* Work task
In the listing below, print exactly the lines between the line holding "#385=DIRECTION('',(-0.7071,0.,0.7071));" and the line holding "#392=FACE_BOUND('',#391,.T.);", inclusive, and no more.

======== Excerpted data

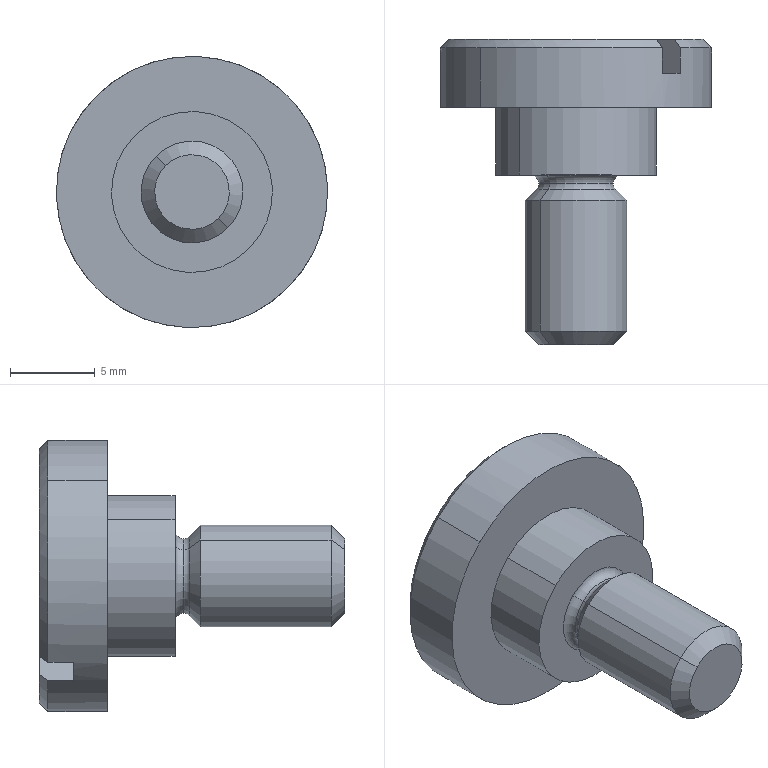Component | SolidWorks | JB_T8045.5-1999DrillBushingScrewM6-1 | 1 solid | 25 faces | box 16 x 18 x 16 mm | volume 1298 mm3 | plane 8 | cone 7 | cylinder 6 | torus 4 | commonest cylinder face diameters 6 x2 9.5 x2 16 x2 | material Nickel
STEP:
#1=COLOUR_RGB('',0.7922,0.8196,0.9333);
#2=FILL_AREA_STYLE_COLOUR('',#1);
#3=FILL_AREA_STYLE('',(#2));
#4=SURFACE_STYLE_FILL_AREA(#3);
#5=SURFACE_SIDE_STYLE('',(#4));
#6=SURFACE_STYLE_USAGE(.BOTH.,#5);
#7=PRESENTATION_STYLE_ASSIGNMENT((#6));
#8=CARTESIAN_POINT('',(0.06125,11.575,1.415));
#9=VERTEX_POINT('',#8);
#10=CARTESIAN_POINT('',(-0.06125,11.575,1.538));
#11=VERTEX_POINT('',#10);
#12=CARTESIAN_POINT('',(0.,11.575,1.476));
#13=DIRECTION('',(0.,-1.,0.));
#14=DIRECTION('',(0.7071,0.,-0.7071));
#15=AXIS2_PLACEMENT_3D('',#12,#13,#14);
#16=CIRCLE('',#15,0.08661);
#17=EDGE_CURVE('',#9,#11,#16,.T.);
#18=ORIENTED_EDGE('',*,*,#17,.F.);
#19=CARTESIAN_POINT('',(0.08352,11.606,1.393));
#20=VERTEX_POINT('',#19);
#21=CARTESIAN_POINT('',(0.06125,11.575,1.415));
#22=DIRECTION('',(0.5,0.7071,-0.5));
#23=VECTOR('',#22,39.37);
#24=LINE('',#21,#23);
#25=EDGE_CURVE('',#9,#20,#24,.T.);
#26=ORIENTED_EDGE('',*,*,#25,.T.);
#27=CARTESIAN_POINT('',(-0.08352,11.606,1.56));
#28=VERTEX_POINT('',#27);
#29=CARTESIAN_POINT('',(0.,11.606,1.476));
#30=DIRECTION('',(0.,1.,0.));
#31=DIRECTION('',(0.7071,0.,-0.7071));
#32=AXIS2_PLACEMENT_3D('',#29,#30,#31);
#33=CIRCLE('',#32,0.1181);
#34=EDGE_CURVE('',#28,#20,#33,.T.);
#35=ORIENTED_EDGE('',*,*,#34,.F.);
#36=CARTESIAN_POINT('',(-0.06125,11.575,1.538));
#37=DIRECTION('',(-0.5,0.7071,0.5));
#38=VECTOR('',#37,39.37);
#39=LINE('',#36,#38);
#40=EDGE_CURVE('',#11,#28,#39,.T.);
#41=ORIENTED_EDGE('',*,*,#40,.F.);
#42=EDGE_LOOP('',(#18,#26,#35,#41));
#43=FACE_OUTER_BOUND('',#42,.T.);
#44=CARTESIAN_POINT('',(0.,11.575,1.476));
#45=DIRECTION('',(0.,1.,0.));
#46=DIRECTION('',(-0.7071,0.,0.7071));
#47=AXIS2_PLACEMENT_3D('',#44,#45,#46);
#48=CONICAL_SURFACE('',#47,0.08661,0.7854);
#49=ADVANCED_FACE('',(#43),#48,.T.);
#50=CARTESIAN_POINT('',(0.06125,11.949,1.415));
#51=VERTEX_POINT('',#50);
#52=CARTESIAN_POINT('',(-0.06125,11.949,1.538));
#53=VERTEX_POINT('',#52);
#54=CARTESIAN_POINT('',(0.,11.949,1.476));
#55=DIRECTION('',(0.,1.,0.));
#56=DIRECTION('',(0.7071,0.,-0.7071));
#57=AXIS2_PLACEMENT_3D('',#54,#55,#56);
#58=CIRCLE('',#57,0.08661);
#59=EDGE_CURVE('',#51,#53,#58,.T.);
#60=ORIENTED_EDGE('',*,*,#59,.T.);
#61=CARTESIAN_POINT('',(-0.07516,11.969,1.552));
#62=VERTEX_POINT('',#61);
#63=CARTESIAN_POINT('',(-0.07516,11.949,1.552));
#64=DIRECTION('',(0.7071,0.,0.7071));
#65=DIRECTION('',(0.7071,0.,-0.7071));
#66=AXIS2_PLACEMENT_3D('',#63,#64,#65);
#67=CIRCLE('',#66,0.01969);
#68=EDGE_CURVE('',#53,#62,#67,.T.);
#69=ORIENTED_EDGE('',*,*,#68,.T.);
#70=CARTESIAN_POINT('',(0.07516,11.969,1.401));
#71=VERTEX_POINT('',#70);
#72=CARTESIAN_POINT('',(0.,11.969,1.476));
#73=DIRECTION('',(0.,1.,0.));
#74=DIRECTION('',(0.7071,0.,-0.7071));
#75=AXIS2_PLACEMENT_3D('',#72,#73,#74);
#76=CIRCLE('',#75,0.1063);
#77=EDGE_CURVE('',#71,#62,#76,.T.);
#78=ORIENTED_EDGE('',*,*,#77,.F.);
#79=CARTESIAN_POINT('',(0.07516,11.949,1.401));
#80=DIRECTION('',(-0.7071,0.,-0.7071));
#81=DIRECTION('',(-0.7071,0.,0.7071));
#82=AXIS2_PLACEMENT_3D('',#79,#80,#81);
#83=CIRCLE('',#82,0.01969);
#84=EDGE_CURVE('',#51,#71,#83,.T.);
#85=ORIENTED_EDGE('',*,*,#84,.F.);
#86=EDGE_LOOP('',(#60,#69,#78,#85));
#87=FACE_OUTER_BOUND('',#86,.T.);
#88=CARTESIAN_POINT('',(0.,11.949,1.476));
#89=DIRECTION('',(0.,-1.,0.));
#90=DIRECTION('',(0.7071,0.,-0.7071));
#91=AXIS2_PLACEMENT_3D('',#88,#89,#90);
#92=TOROIDAL_SURFACE('',#91,0.1063,0.01969);
#93=ADVANCED_FACE('',(#87),#92,.F.);
#94=CARTESIAN_POINT('',(-0.06532,11.935,1.542));
#95=VERTEX_POINT('',#94);
#96=CARTESIAN_POINT('',(0.06532,11.935,1.411));
#97=VERTEX_POINT('',#96);
#98=CARTESIAN_POINT('',(0.,11.935,1.476));
#99=DIRECTION('',(0.,-1.,0.));
#100=DIRECTION('',(-0.7071,0.,0.7071));
#101=AXIS2_PLACEMENT_3D('',#98,#99,#100);
#102=CIRCLE('',#101,0.09238);
#103=EDGE_CURVE('',#95,#97,#102,.T.);
#104=ORIENTED_EDGE('',*,*,#103,.F.);
#105=CARTESIAN_POINT('',(-0.07516,11.949,1.552));
#106=DIRECTION('',(0.7071,0.,0.7071));
#107=DIRECTION('',(0.7071,0.,-0.7071));
#108=AXIS2_PLACEMENT_3D('',#105,#106,#107);
#109=CIRCLE('',#108,0.01969);
#110=EDGE_CURVE('',#95,#53,#109,.T.);
#111=ORIENTED_EDGE('',*,*,#110,.T.);
#112=ORIENTED_EDGE('',*,*,#59,.F.);
#113=CARTESIAN_POINT('',(0.07516,11.949,1.401));
#114=DIRECTION('',(-0.7071,0.,-0.7071));
#115=DIRECTION('',(-0.7071,0.,0.7071));
#116=AXIS2_PLACEMENT_3D('',#113,#114,#115);
#117=CIRCLE('',#116,0.01969);
#118=EDGE_CURVE('',#97,#51,#117,.T.);
#119=ORIENTED_EDGE('',*,*,#118,.F.);
#120=EDGE_LOOP('',(#104,#111,#112,#119));
#121=FACE_OUTER_BOUND('',#120,.T.);
#122=CARTESIAN_POINT('',(0.,11.949,1.476));
#123=DIRECTION('',(0.,-1.,0.));
#124=DIRECTION('',(0.7071,0.,-0.7071));
#125=AXIS2_PLACEMENT_3D('',#122,#123,#124);
#126=TOROIDAL_SURFACE('',#125,0.1063,0.01969);
#127=ADVANCED_FACE('',(#121),#126,.F.);
#128=CARTESIAN_POINT('',(0.,11.935,1.476));
#129=DIRECTION('',(0.,-1.,0.));
#130=DIRECTION('',(-0.7071,0.,0.7071));
#131=AXIS2_PLACEMENT_3D('',#128,#129,#130);
#132=CIRCLE('',#131,0.09238);
#133=EDGE_CURVE('',#97,#95,#132,.T.);
#134=ORIENTED_EDGE('',*,*,#133,.T.);
#135=CARTESIAN_POINT('',(-0.08352,11.909,1.56));
#136=VERTEX_POINT('',#135);
#137=CARTESIAN_POINT('',(-0.08352,11.909,1.56));
#138=DIRECTION('',(-0.5,-0.7071,0.5));
#139=VECTOR('',#138,39.37);
#140=LINE('',#137,#139);
#141=EDGE_CURVE('',#95,#136,#140,.T.);
#142=ORIENTED_EDGE('',*,*,#141,.T.);
#143=CARTESIAN_POINT('',(0.08352,11.909,1.393));
#144=VERTEX_POINT('',#143);
#145=CARTESIAN_POINT('',(0.,11.909,1.476));
#146=DIRECTION('',(0.,-1.,0.));
#147=DIRECTION('',(0.7071,0.,-0.7071));
#148=AXIS2_PLACEMENT_3D('',#145,#146,#147);
#149=CIRCLE('',#148,0.1181);
#150=EDGE_CURVE('',#144,#136,#149,.T.);
#151=ORIENTED_EDGE('',*,*,#150,.F.);
#152=CARTESIAN_POINT('',(0.08352,11.909,1.393));
#153=DIRECTION('',(0.5,-0.7071,-0.5));
#154=VECTOR('',#153,39.37);
#155=LINE('',#152,#154);
#156=EDGE_CURVE('',#97,#144,#155,.T.);
#157=ORIENTED_EDGE('',*,*,#156,.F.);
#158=EDGE_LOOP('',(#134,#142,#151,#157));
#159=FACE_OUTER_BOUND('',#158,.T.);
#160=CARTESIAN_POINT('',(0.,11.909,1.476));
#161=DIRECTION('',(0.,-1.,0.));
#162=DIRECTION('',(0.7071,0.,-0.7071));
#163=AXIS2_PLACEMENT_3D('',#160,#161,#162);
#164=CONICAL_SURFACE('',#163,0.1181,0.7854);
#165=ADVANCED_FACE('',(#159),#164,.T.);
#166=ORIENTED_EDGE('',*,*,#34,.T.);
#167=CARTESIAN_POINT('',(0.08352,11.575,1.393));
#168=DIRECTION('',(0.,1.,0.));
#169=VECTOR('',#168,39.37);
#170=LINE('',#167,#169);
#171=EDGE_CURVE('',#20,#144,#170,.T.);
#172=ORIENTED_EDGE('',*,*,#171,.T.);
#173=ORIENTED_EDGE('',*,*,#150,.T.);
#174=CARTESIAN_POINT('',(-0.08352,11.575,1.56));
#175=DIRECTION('',(0.,1.,0.));
#176=VECTOR('',#175,39.37);
#177=LINE('',#174,#176);
#178=EDGE_CURVE('',#28,#136,#177,.T.);
#179=ORIENTED_EDGE('',*,*,#178,.F.);
#180=EDGE_LOOP('',(#166,#172,#173,#179));
#181=FACE_OUTER_BOUND('',#180,.T.);
#182=CARTESIAN_POINT('',(0.,11.575,1.476));
#183=DIRECTION('',(0.,1.,0.));
#184=DIRECTION('',(-0.7071,0.,0.7071));
#185=AXIS2_PLACEMENT_3D('',#182,#183,#184);
#186=CYLINDRICAL_SURFACE('',#185,0.1181);
#187=ADVANCED_FACE('',(#181),#186,.T.);
#188=CARTESIAN_POINT('',(0.1322,11.969,1.344));
#189=VERTEX_POINT('',#188);
#190=CARTESIAN_POINT('',(-0.1322,11.969,1.609));
#191=VERTEX_POINT('',#190);
#192=CARTESIAN_POINT('',(0.,11.969,1.476));
#193=DIRECTION('',(0.,-1.,0.));
#194=DIRECTION('',(0.7071,0.,-0.7071));
#195=AXIS2_PLACEMENT_3D('',#192,#193,#194);
#196=CIRCLE('',#195,0.187);
#197=EDGE_CURVE('',#189,#191,#196,.T.);
#198=ORIENTED_EDGE('',*,*,#197,.F.);
#199=CARTESIAN_POINT('',(0.1322,12.126,1.344));
#200=VERTEX_POINT('',#199);
#201=CARTESIAN_POINT('',(0.1322,11.969,1.344));
#202=DIRECTION('',(0.,1.,0.));
#203=VECTOR('',#202,39.37);
#204=LINE('',#201,#203);
#205=EDGE_CURVE('',#189,#200,#204,.T.);
#206=ORIENTED_EDGE('',*,*,#205,.T.);
#207=CARTESIAN_POINT('',(-0.1322,12.126,1.609));
#208=VERTEX_POINT('',#207);
#209=CARTESIAN_POINT('',(0.,12.126,1.476));
#210=DIRECTION('',(0.,-1.,0.));
#211=DIRECTION('',(-0.7071,0.,0.7071));
#212=AXIS2_PLACEMENT_3D('',#209,#210,#211);
#213=CIRCLE('',#212,0.187);
#214=EDGE_CURVE('',#200,#208,#213,.T.);
#215=ORIENTED_EDGE('',*,*,#214,.T.);
#216=CARTESIAN_POINT('',(-0.1322,11.969,1.609));
#217=DIRECTION('',(0.,1.,0.));
#218=VECTOR('',#217,39.37);
#219=LINE('',#216,#218);
#220=EDGE_CURVE('',#191,#208,#219,.T.);
#221=ORIENTED_EDGE('',*,*,#220,.F.);
#222=EDGE_LOOP('',(#198,#206,#215,#221));
#223=FACE_OUTER_BOUND('',#222,.T.);
#224=CARTESIAN_POINT('',(0.,11.969,1.476));
#225=DIRECTION('',(0.,1.,0.));
#226=DIRECTION('',(-0.7071,0.,0.7071));
#227=AXIS2_PLACEMENT_3D('',#224,#225,#226);
#228=CYLINDRICAL_SURFACE('',#227,0.187);
#229=ADVANCED_FACE('',(#223),#228,.T.);
#230=CARTESIAN_POINT('',(0.2088,12.283,1.268));
#231=VERTEX_POINT('',#230);
#232=CARTESIAN_POINT('',(-0.1869,12.283,1.248));
#233=VERTEX_POINT('',#232);
#234=CARTESIAN_POINT('',(0.,12.283,1.476));
#235=DIRECTION('',(0.,1.,0.));
#236=DIRECTION('',(-0.7071,0.,0.7071));
#237=AXIS2_PLACEMENT_3D('',#234,#235,#236);
#238=CIRCLE('',#237,0.2953);
#239=EDGE_CURVE('',#231,#233,#238,.T.);
#240=ORIENTED_EDGE('',*,*,#239,.F.);
#241=CARTESIAN_POINT('',(0.2227,12.264,1.254));
#242=VERTEX_POINT('',#241);
#243=CARTESIAN_POINT('',(0.2088,12.283,1.268));
#244=DIRECTION('',(0.5,-0.7071,-0.5));
#245=VECTOR('',#244,39.37);
#246=LINE('',#243,#245);
#247=EDGE_CURVE('',#231,#242,#246,.T.);
#248=ORIENTED_EDGE('',*,*,#247,.T.);
#249=CARTESIAN_POINT('',(-0.2009,12.264,1.234));
#250=VERTEX_POINT('',#249);
#251=CARTESIAN_POINT('',(0.,12.264,1.476));
#252=DIRECTION('',(0.,-1.,0.));
#253=DIRECTION('',(-0.7071,0.,0.7071));
#254=AXIS2_PLACEMENT_3D('',#251,#252,#253);
#255=CIRCLE('',#254,0.315);
#256=EDGE_CURVE('',#250,#242,#255,.T.);
#257=ORIENTED_EDGE('',*,*,#256,.F.);
#258=CARTESIAN_POINT('',(-0.1869,12.283,1.248));
#259=CARTESIAN_POINT('',(-0.1915,12.277,1.243));
#260=CARTESIAN_POINT('',(-0.1962,12.27,1.238));
#261=CARTESIAN_POINT('',(-0.2009,12.264,1.234));
#262=B_SPLINE_CURVE_WITH_KNOTS('',3,(#258,#259,#260,#261),.UNSPECIFIED.,.F.,.F.,(4,4),(0.03463,0.03534),.UNSPECIFIED.);
#263=EDGE_CURVE('',#233,#250,#262,.T.);
#264=ORIENTED_EDGE('',*,*,#263,.F.);
#265=EDGE_LOOP('',(#240,#248,#257,#264));
#266=FACE_OUTER_BOUND('',#265,.T.);
#267=CARTESIAN_POINT('',(0.,12.283,1.476));
#268=DIRECTION('',(0.,-1.,0.));
#269=DIRECTION('',(0.7071,0.,-0.7071));
#270=AXIS2_PLACEMENT_3D('',#267,#268,#269);
#271=CONICAL_SURFACE('',#270,0.2953,0.7854);
#272=ADVANCED_FACE('',(#266),#271,.T.);
#273=CARTESIAN_POINT('',(-0.2227,12.126,1.699));
#274=VERTEX_POINT('',#273);
#275=CARTESIAN_POINT('',(0.2227,12.126,1.254));
#276=VERTEX_POINT('',#275);
#277=CARTESIAN_POINT('',(0.,12.126,1.476));
#278=DIRECTION('',(0.,1.,0.));
#279=DIRECTION('',(-0.7071,0.,0.7071));
#280=AXIS2_PLACEMENT_3D('',#277,#278,#279);
#281=CIRCLE('',#280,0.315);
#282=EDGE_CURVE('',#274,#276,#281,.T.);
#283=ORIENTED_EDGE('',*,*,#282,.T.);
#284=CARTESIAN_POINT('',(0.2227,12.126,1.254));
#285=DIRECTION('',(0.,1.,0.));
#286=VECTOR('',#285,39.37);
#287=LINE('',#284,#286);
#288=EDGE_CURVE('',#276,#242,#287,.T.);
#289=ORIENTED_EDGE('',*,*,#288,.T.);
#290=CARTESIAN_POINT('',(0.2426,12.264,1.677));
#291=VERTEX_POINT('',#290);
#292=CARTESIAN_POINT('',(0.,12.264,1.476));
#293=DIRECTION('',(0.,-1.,0.));
#294=DIRECTION('',(-0.7071,0.,0.7071));
#295=AXIS2_PLACEMENT_3D('',#292,#293,#294);
#296=CIRCLE('',#295,0.315);
#297=EDGE_CURVE('',#242,#291,#296,.T.);
#298=ORIENTED_EDGE('',*,*,#297,.T.);
#299=CARTESIAN_POINT('',(0.2426,12.205,1.677));
#300=VERTEX_POINT('',#299);
#301=CARTESIAN_POINT('',(0.2426,12.126,1.677));
#302=DIRECTION('',(0.,1.,0.));
#303=VECTOR('',#302,39.37);
#304=LINE('',#301,#303);
#305=EDGE_CURVE('',#300,#291,#304,.T.);
#306=ORIENTED_EDGE('',*,*,#305,.F.);
#307=CARTESIAN_POINT('',(0.2009,12.205,1.719));
#308=VERTEX_POINT('',#307);
#309=CARTESIAN_POINT('',(0.,12.205,1.476));
#310=DIRECTION('',(0.,1.,0.));
#311=DIRECTION('',(0.7071,0.,-0.7071));
#312=AXIS2_PLACEMENT_3D('',#309,#310,#311);
#313=CIRCLE('',#312,0.315);
#314=EDGE_CURVE('',#308,#300,#313,.T.);
#315=ORIENTED_EDGE('',*,*,#314,.F.);
#316=CARTESIAN_POINT('',(0.2009,12.264,1.719));
#317=VERTEX_POINT('',#316);
#318=CARTESIAN_POINT('',(0.2009,12.126,1.719));
#319=DIRECTION('',(0.,-1.,0.));
#320=VECTOR('',#319,39.37);
#321=LINE('',#318,#320);
#322=EDGE_CURVE('',#317,#308,#321,.T.);
#323=ORIENTED_EDGE('',*,*,#322,.F.);
#324=CARTESIAN_POINT('',(-0.2227,12.264,1.699));
#325=VERTEX_POINT('',#324);
#326=CARTESIAN_POINT('',(0.,12.264,1.476));
#327=DIRECTION('',(0.,-1.,0.));
#328=DIRECTION('',(-0.7071,0.,0.7071));
#329=AXIS2_PLACEMENT_3D('',#326,#327,#328);
#330=CIRCLE('',#329,0.315);
#331=EDGE_CURVE('',#317,#325,#330,.T.);
#332=ORIENTED_EDGE('',*,*,#331,.T.);
#333=CARTESIAN_POINT('',(-0.2227,12.126,1.699));
#334=DIRECTION('',(0.,1.,0.));
#335=VECTOR('',#334,39.37);
#336=LINE('',#333,#335);
#337=EDGE_CURVE('',#274,#325,#336,.T.);
#338=ORIENTED_EDGE('',*,*,#337,.F.);
#339=EDGE_LOOP('',(#283,#289,#298,#306,#315,#323,#332,#338));
#340=FACE_OUTER_BOUND('',#339,.T.);
#341=CARTESIAN_POINT('',(0.,12.126,1.476));
#342=DIRECTION('',(0.,1.,0.));
#343=DIRECTION('',(-0.7071,0.,0.7071));
#344=AXIS2_PLACEMENT_3D('',#341,#342,#343);
#345=CYLINDRICAL_SURFACE('',#344,0.315);
#346=ADVANCED_FACE('',(#340),#345,.T.);
#347=ORIENTED_EDGE('',*,*,#77,.T.);
#348=CARTESIAN_POINT('',(0.,11.969,1.476));
#349=DIRECTION('',(0.,1.,0.));
#350=DIRECTION('',(0.7071,0.,-0.7071));
#351=AXIS2_PLACEMENT_3D('',#348,#349,#350);
#352=CIRCLE('',#351,0.1063);
#353=EDGE_CURVE('',#62,#71,#352,.T.);
#354=ORIENTED_EDGE('',*,*,#353,.T.);
#355=EDGE_LOOP('',(#347,#354));
#356=FACE_BOUND('',#355,.T.);
#357=CARTESIAN_POINT('',(0.,11.969,1.476));
#358=DIRECTION('',(0.,-1.,0.));
#359=DIRECTION('',(0.7071,0.,-0.7071));
#360=AXIS2_PLACEMENT_3D('',#357,#358,#359);
#361=CIRCLE('',#360,0.187);
#362=EDGE_CURVE('',#191,#189,#361,.T.);
#363=ORIENTED_EDGE('',*,*,#362,.T.);
#364=ORIENTED_EDGE('',*,*,#197,.T.);
#365=EDGE_LOOP('',(#363,#364));
#366=FACE_OUTER_BOUND('',#365,.T.);
#367=CARTESIAN_POINT('',(0.,11.969,1.476));
#368=DIRECTION('',(0.,-1.,0.));
#369=DIRECTION('',(0.7071,0.,-0.7071));
#370=AXIS2_PLACEMENT_3D('',#367,#368,#369);
#371=PLANE('',#370);
#372=ADVANCED_FACE('',(#356,#366),#371,.T.);
#373=ORIENTED_EDGE('',*,*,#282,.F.);
#374=CARTESIAN_POINT('',(0.,12.126,1.476));
#375=DIRECTION('',(0.,1.,0.));
#376=DIRECTION('',(-0.7071,0.,0.7071));
#377=AXIS2_PLACEMENT_3D('',#374,#375,#376);
#378=CIRCLE('',#377,0.315);
#379=EDGE_CURVE('',#276,#274,#378,.T.);
#380=ORIENTED_EDGE('',*,*,#379,.F.);
#381=EDGE_LOOP('',(#373,#380));
#382=FACE_OUTER_BOUND('',#381,.T.);
#383=CARTESIAN_POINT('',(0.,12.126,1.476));
#384=DIRECTION('',(0.,-1.,0.));
#385=DIRECTION('',(-0.7071,0.,0.7071));
#386=AXIS2_PLACEMENT_3D('',#383,#384,#385);
#387=CIRCLE('',#386,0.187);
#388=EDGE_CURVE('',#208,#200,#387,.T.);
#389=ORIENTED_EDGE('',*,*,#388,.F.);
#390=ORIENTED_EDGE('',*,*,#214,.F.);
#391=EDGE_LOOP('',(#389,#390));
#392=FACE_BOUND('',#391,.T.);
#393=CARTESIAN_POINT('',(0.,12.126,1.476));
#394=DIRECTION('',(0.,1.,0.));
#395=DIRECTION('',(-0.7071,0.,0.7071));
#396=AXIS2_PLACEMENT_3D('',#393,#394,#395);
#397=PLANE('',#396);
#398=ADVANCED_FACE('',(#382,#392),#397,.F.);
#399=CARTESIAN_POINT('',(-0.2286,12.283,1.29));
#400=VERTEX_POINT('',#399);
#401=CARTESIAN_POINT('',(0.1869,12.283,1.705));
#402=VERTEX_POINT('',#401);
#403=CARTESIAN_POINT('',(0.706,12.283,2.224));
#404=DIRECTION('',(0.7071,0.,0.7071));
#405=VECTOR('',#404,39.37);
#406=LINE('',#403,#405);
#407=EDGE_CURVE('',#400,#402,#406,.T.);
#408=ORIENTED_EDGE('',*,*,#407,.F.);
#409=CARTESIAN_POINT('',(0.,12.283,1.476));
#410=DIRECTION('',(0.,1.,0.));
#411=DIRECTION('',(-0.7071,0.,0.7071));
#412=AXIS2_PLACEMENT_3D('',#409,#410,#411);
#413=CIRCLE('',#412,0.2953);
#414=EDGE_CURVE('',#400,#402,#413,.T.);
#415=ORIENTED_EDGE('',*,*,#414,.T.);
#416=EDGE_LOOP('',(#408,#415));
#417=FACE_OUTER_BOUND('',#416,.T.);
#418=CARTESIAN_POINT('',(0.,12.283,1.476));
#419=DIRECTION('',(0.,1.,0.));
#420=DIRECTION('',(-0.7071,0.,0.7071));
#421=AXIS2_PLACEMENT_3D('',#418,#419,#420);
#422=PLANE('',#421);
#423=ADVANCED_FACE('',(#417),#422,.T.);
#424=CARTESIAN_POINT('',(-0.2426,12.264,1.276));
#425=VERTEX_POINT('',#424);
#426=CARTESIAN_POINT('',(-0.2426,12.264,1.276));
#427=CARTESIAN_POINT('',(-0.2379,12.27,1.28));
#428=CARTESIAN_POINT('',(-0.2333,12.277,1.285));
#429=CARTESIAN_POINT('',(-0.2286,12.283,1.29));
#430=B_SPLINE_CURVE_WITH_KNOTS('',3,(#426,#427,#428,#429),.UNSPECIFIED.,.F.,.F.,(4,4),(0.0136,0.01431),.UNSPECIFIED.);
#431=EDGE_CURVE('',#425,#400,#430,.T.);
#432=ORIENTED_EDGE('',*,*,#431,.F.);
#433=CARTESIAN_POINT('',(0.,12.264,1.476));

================

* Expected answer
#385=DIRECTION('',(-0.7071,0.,0.7071));
#386=AXIS2_PLACEMENT_3D('',#383,#384,#385);
#387=CIRCLE('',#386,0.187);
#388=EDGE_CURVE('',#208,#200,#387,.T.);
#389=ORIENTED_EDGE('',*,*,#388,.F.);
#390=ORIENTED_EDGE('',*,*,#214,.F.);
#391=EDGE_LOOP('',(#389,#390));
#392=FACE_BOUND('',#391,.T.);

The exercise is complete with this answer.